Look through the entries below and count the lines with "under" in them; the reply is the number alone.

(Stored dataset items)
^^^^^^^^

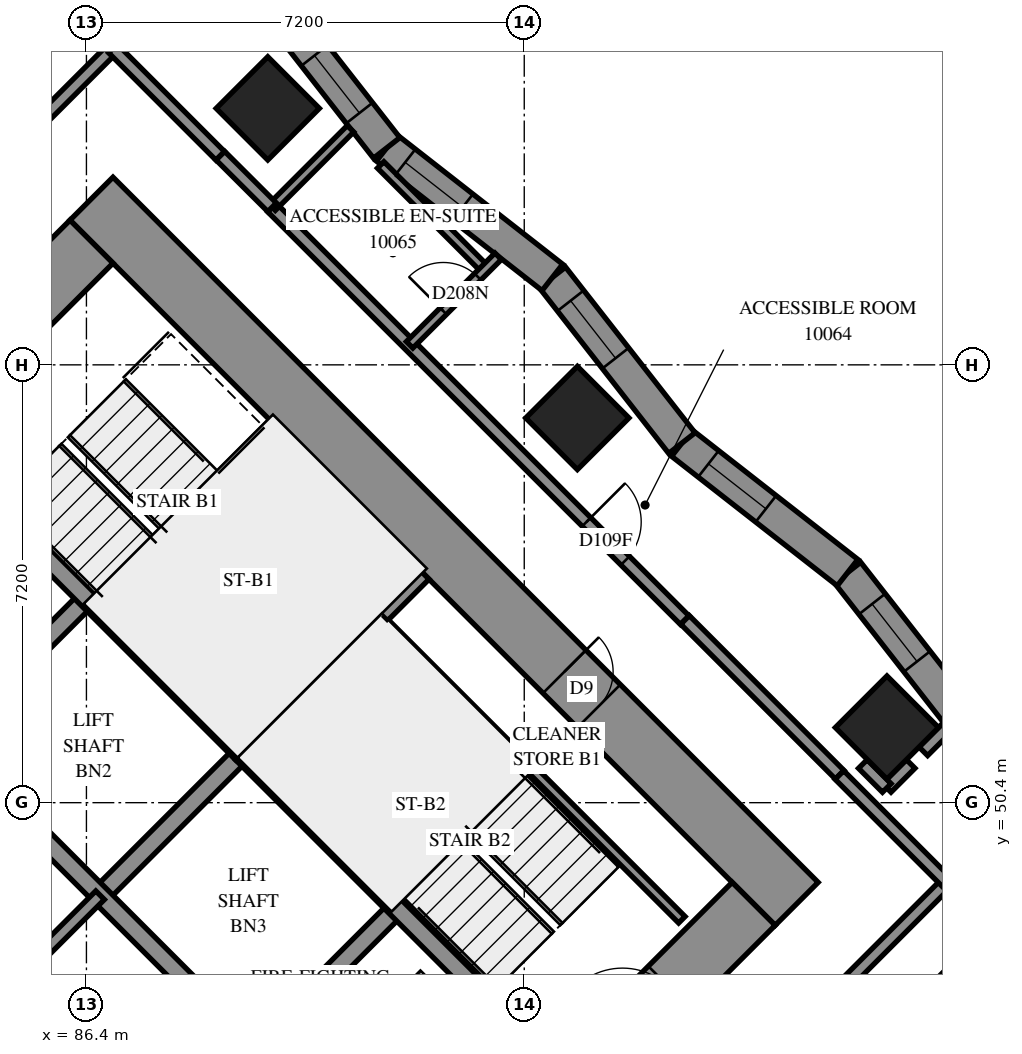
"""IFC4 building model, lengths in metres.
Left out: names, types, materials, properties, quantities, classifications, styles, units other than length and angle.
Written with IfcOpenShell. Run it as: python <this file> out.ifc"""

import sys

from ifc_helpers import new_model, si_unit, direction, frame, frame_2d, origin, origin_2d, place, context, subcontext, project, spatial, polyline, rectangle, outline, extrude, element, fill, save


model = new_model("IFC4")
c1 = context("Model", 3, precision=1e-05, world=origin(), true_north=direction((0.0, 1.0)))
c2 = subcontext(c1, "Body", "Model", "MODEL_VIEW")
j1 = project(units=[si_unit("LENGTHUNIT", "METRE"), si_unit("PLANEANGLEUNIT", "RADIAN")], contexts=[c1])
p1 = place(None, origin())
s1 = spatial("IfcSite", under=j1, at=p1, CompositionType="ELEMENT")
p2 = place(p1, origin())
s2 = spatial("IfcBuilding", under=s1, at=p2, CompositionType="ELEMENT")
p3 = place(p2, frame((0.0, 0.0, 40.6)))
s3 = spatial("IfcBuildingStorey", under=s2, at=p3, CompositionType="ELEMENT", Elevation=40.6)
for number, where, z_axis, x_axis in (
    (1, (89.382, 61.818, 0.0), (0.0, 0.0, 1.0), (0.707, -0.707, 0.0)),
    (2, (94.474, 56.727, 0.0), (0.0, 0.0, 1.0), (0.707, -0.707, 0.0)),
    (3, (99.565, 51.635, 0.0), (0.0, 0.0, 1.0), (0.707, -0.707, 0.0)),
):
    element("IfcColumn", number, at=place(p3, frame(where, z_axis=z_axis, x_axis=x_axis)), inside=s3, PredefinedType="COLUMN", context=c2, shape_type="SweptSolid", body=[
        extrude(rectangle(XDim=1.2, YDim=1.2, at=origin_2d()), origin(), (0.0, 0.0, 1.0), 3.1),
    ])
p4 = place(p3, frame((75.594, 49.443, -0.3), z_axis=(0.0, 0.0, 1.0), x_axis=(0.7071037324, -0.70710983, 0.0)))
e4 = element("IfcWall", 4, at=p4, inside=s3, PredefinedType="SHEAR", context=c2, shape_type="SweptSolid", body=[
    extrude(rectangle(XDim=16.4, YDim=1.0, at=frame_2d((8.2, 0.0))), origin(), (0.0, 0.0, 1.0), 2.7),
])
p5 = place(p3, frame((86.483, 60.333, -0.3), z_axis=(0.0, 0.0, 1.0), x_axis=(0.70710983, -0.7071037324, 0.0)))
e5 = element("IfcWall", 5, at=p5, inside=s3, PredefinedType="SHEAR", context=c2, shape_type="SweptSolid", body=[
    extrude(rectangle(XDim=16.4, YDim=1.0, at=frame_2d((8.2, 0.0))), origin(), (0.0, 0.0, 1.0), 2.7),
])
p6 = place(p5, frame((11.0, 0.0, 0.3)))
e6 = element("IfcOpeningElement", 6, at=p6, cuts=e5, PredefinedType="OPENING", context=c2, shape_type="SweptSolid", body=[
    extrude(rectangle(XDim=0.8, YDim=2.1, at=frame_2d((0.4, 1.05))), frame((0.0, 0.51, 0.0), z_axis=(0.0, -1.0, 0.0), x_axis=(1.0, 0.0, 0.0)), (0.0, 0.0, 1.0), 1.02),
])
p7 = place(p3, frame((76.301, 49.443, -0.3), z_axis=(0.0, 0.0, 1.0), x_axis=(0.7071067812, 0.7071067812, 0.0)))
e7 = element("IfcWall", 7, at=p7, inside=s3, PredefinedType="SHEAR", context=c2, shape_type="SweptSolid", body=[
    extrude(rectangle(XDim=14.4, YDim=1.0, at=frame_2d((7.2, 0.0))), origin(), (0.0, 0.0, 1.0), 2.7),
])
p8 = place(p7, frame((4.55, 0.0, 0.3)))
e8 = element("IfcOpeningElement", 8, at=p8, cuts=e7, PredefinedType="OPENING", context=c2, shape_type="SweptSolid", body=[
    extrude(rectangle(XDim=1.1, YDim=2.1, at=frame_2d((0.55, 1.05))), frame((0.0, 0.51, 0.0), z_axis=(0.0, -1.0, 0.0), x_axis=(1.0, 0.0, 0.0)), (0.0, 0.0, 1.0), 1.02),
])
p9 = place(p7, frame((11.35, 0.0, 0.3)))
e9 = element("IfcOpeningElement", 9, at=p9, cuts=e7, PredefinedType="OPENING", context=c2, shape_type="SweptSolid", body=[
    extrude(rectangle(XDim=1.1, YDim=2.1, at=frame_2d((0.55, 1.05))), frame((0.0, 0.51, 0.0), z_axis=(0.0, -1.0, 0.0), x_axis=(1.0, 0.0, 0.0)), (0.0, 0.0, 1.0), 1.02),
])
p10 = place(p3, frame((87.19, 38.554, -0.3), z_axis=(0.0, 0.0, 1.0), x_axis=(0.707103309, 0.7071102534, 0.0)))
e10 = element("IfcWall", 10, at=p10, inside=s3, PredefinedType="SHEAR", context=c2, shape_type="SweptSolid", body=[
    extrude(rectangle(XDim=14.4, YDim=1.0, at=frame_2d((7.2, 0.0))), origin(), (0.0, 0.0, 1.0), 2.7),
])
p11 = place(p10, frame((4.55, 0.0, 0.3)))
e11 = element("IfcOpeningElement", 11, at=p11, cuts=e10, PredefinedType="OPENING", context=c2, shape_type="SweptSolid", body=[
    extrude(rectangle(XDim=1.1, YDim=2.1, at=frame_2d((0.55, 1.05))), frame((0.0, 0.51, 0.0), z_axis=(0.0, -1.0, 0.0), x_axis=(1.0, 0.0, 0.0)), (0.0, 0.0, 1.0), 1.02),
])
p12 = place(p10, frame((11.35, 0.0, 0.3)))
e12 = element("IfcOpeningElement", 12, at=p12, cuts=e10, PredefinedType="OPENING", context=c2, shape_type="SweptSolid", body=[
    extrude(rectangle(XDim=1.1, YDim=2.1, at=frame_2d((0.55, 1.05))), frame((0.0, 0.51, 0.0), z_axis=(0.0, -1.0, 0.0), x_axis=(1.0, 0.0, 0.0)), (0.0, 0.0, 1.0), 1.02),
])
p13 = place(p3, frame((84.079, 51.423, 0.0), z_axis=(0.0, 0.0, 1.0), x_axis=(0.7071219326, 0.7070916295, 0.0)))
e13 = element("IfcWall", 13, at=p13, inside=s3, PredefinedType="SOLIDWALL", context=c2, shape_type="SweptSolid", body=[
    extrude(rectangle(XDim=3.3, YDim=0.3, at=frame_2d((1.65, 0.0))), origin(), (0.0, 0.0, 1.0), 3.1),
])
for number, where, z_axis, x_axis in (
    (14, (86.625, 48.878, 0.0), (0.0, 0.0, 1.0), (0.707, 0.707, 0.0)),
    (15, (89.17, 46.332, 0.0), (0.0, 0.0, 1.0), (0.707, 0.707, 0.0)),
):
    element("IfcWall", number, at=place(p3, frame(where, z_axis=z_axis, x_axis=x_axis)), inside=s3, PredefinedType="SOLIDWALL", context=c2, shape_type="SweptSolid", body=[
        extrude(rectangle(XDim=3.3, YDim=0.3, at=frame_2d((1.65, 0.0))), origin(), (0.0, 0.0, 1.0), 3.1),
    ])
p14 = place(p3, frame((78.988, 51.423, 0.0), z_axis=(0.0, 0.0, 1.0), x_axis=(0.7071067812, -0.7071067812, 0.0)))
e16 = element("IfcWall", 16, at=p14, inside=s3, PredefinedType="SOLIDWALL", context=c2, shape_type="SweptSolid", body=[
    extrude(rectangle(XDim=14.4, YDim=0.3, at=frame_2d((7.2, 0.0))), origin(), (0.0, 0.0, 1.0), 3.1),
])
p15 = place(p14, frame((1.25, 0.0, 0.0)))
e17 = element("IfcOpeningElement", 17, at=p15, cuts=e16, PredefinedType="OPENING", context=c2, shape_type="SweptSolid", body=[
    extrude(rectangle(XDim=1.1, YDim=2.1, at=frame_2d((0.55, 1.05))), frame((0.0, 0.16, 0.0), z_axis=(0.0, -1.0, 0.0), x_axis=(1.0, 0.0, 0.0)), (0.0, 0.0, 1.0), 0.32),
])
p16 = place(p14, frame((4.85, 0.0, 0.0)))
e18 = element("IfcOpeningElement", 18, at=p16, cuts=e16, PredefinedType="OPENING", context=c2, shape_type="SweptSolid", body=[
    extrude(rectangle(XDim=1.1, YDim=2.1, at=frame_2d((0.55, 1.05))), frame((0.0, 0.16, 0.0), z_axis=(0.0, -1.0, 0.0), x_axis=(1.0, 0.0, 0.0)), (0.0, 0.0, 1.0), 0.32),
])
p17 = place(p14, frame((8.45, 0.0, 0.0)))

^^^^^^^^

Task solution ▸ 3